-------- Information given --------

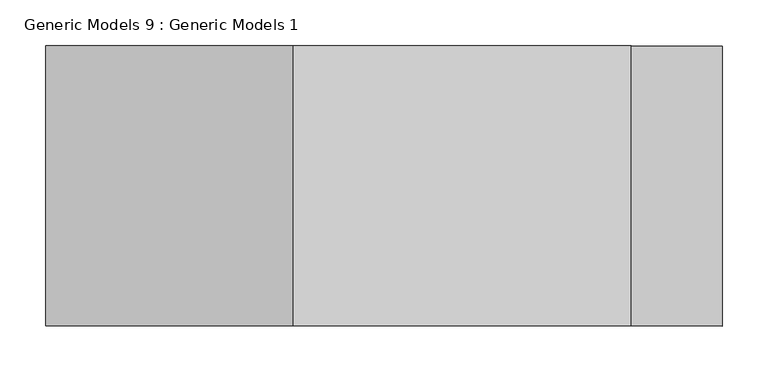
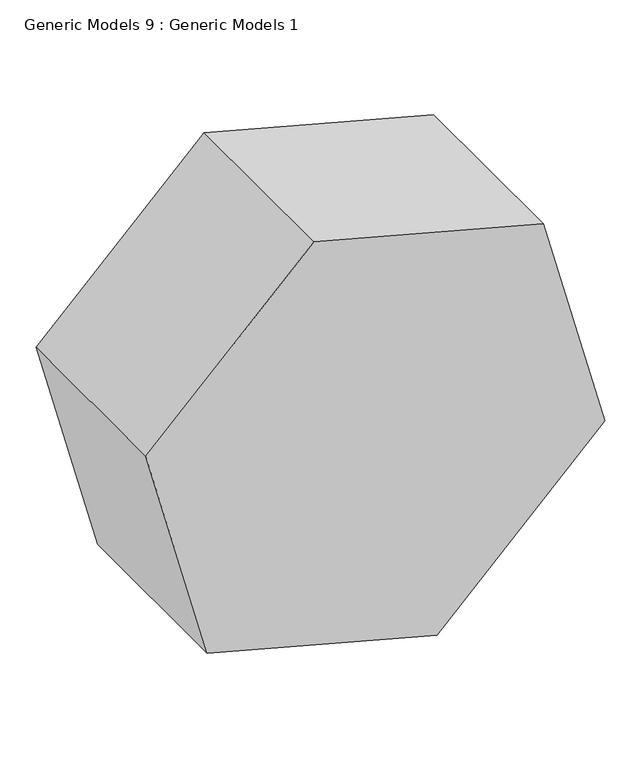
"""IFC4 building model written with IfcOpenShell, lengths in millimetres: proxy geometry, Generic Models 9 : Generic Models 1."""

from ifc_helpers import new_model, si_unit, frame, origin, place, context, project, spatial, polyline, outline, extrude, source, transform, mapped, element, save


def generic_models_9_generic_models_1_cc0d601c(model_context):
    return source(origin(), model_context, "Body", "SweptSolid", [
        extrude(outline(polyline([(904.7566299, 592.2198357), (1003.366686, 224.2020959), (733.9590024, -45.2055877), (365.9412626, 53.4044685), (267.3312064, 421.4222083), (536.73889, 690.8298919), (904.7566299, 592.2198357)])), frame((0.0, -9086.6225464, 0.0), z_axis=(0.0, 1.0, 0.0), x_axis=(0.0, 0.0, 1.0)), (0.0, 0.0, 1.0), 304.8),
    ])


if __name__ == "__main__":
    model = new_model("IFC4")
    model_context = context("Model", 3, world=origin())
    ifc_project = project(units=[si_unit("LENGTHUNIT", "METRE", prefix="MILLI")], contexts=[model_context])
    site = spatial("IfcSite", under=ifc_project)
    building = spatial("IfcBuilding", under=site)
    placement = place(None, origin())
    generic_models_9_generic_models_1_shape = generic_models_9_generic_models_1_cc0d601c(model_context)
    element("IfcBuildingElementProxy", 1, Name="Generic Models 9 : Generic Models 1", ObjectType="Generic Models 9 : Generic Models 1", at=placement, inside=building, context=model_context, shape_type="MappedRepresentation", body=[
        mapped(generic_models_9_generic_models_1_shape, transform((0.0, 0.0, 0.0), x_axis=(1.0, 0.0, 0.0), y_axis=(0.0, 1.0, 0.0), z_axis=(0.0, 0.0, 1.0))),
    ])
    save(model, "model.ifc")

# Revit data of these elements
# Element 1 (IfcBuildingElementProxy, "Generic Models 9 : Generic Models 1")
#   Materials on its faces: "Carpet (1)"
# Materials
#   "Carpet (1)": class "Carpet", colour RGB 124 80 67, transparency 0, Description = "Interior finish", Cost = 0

--------

Each line carrying the string "spatial" should be copied out from the entries.

▶ _Answer to the problem_:
from ifc_helpers import new_model, si_unit, frame, origin, place, context, project, spatial, polyline, outline, extrude, source, transform, mapped, element, save
    site = spatial("IfcSite", under=ifc_project)
    building = spatial("IfcBuilding", under=site)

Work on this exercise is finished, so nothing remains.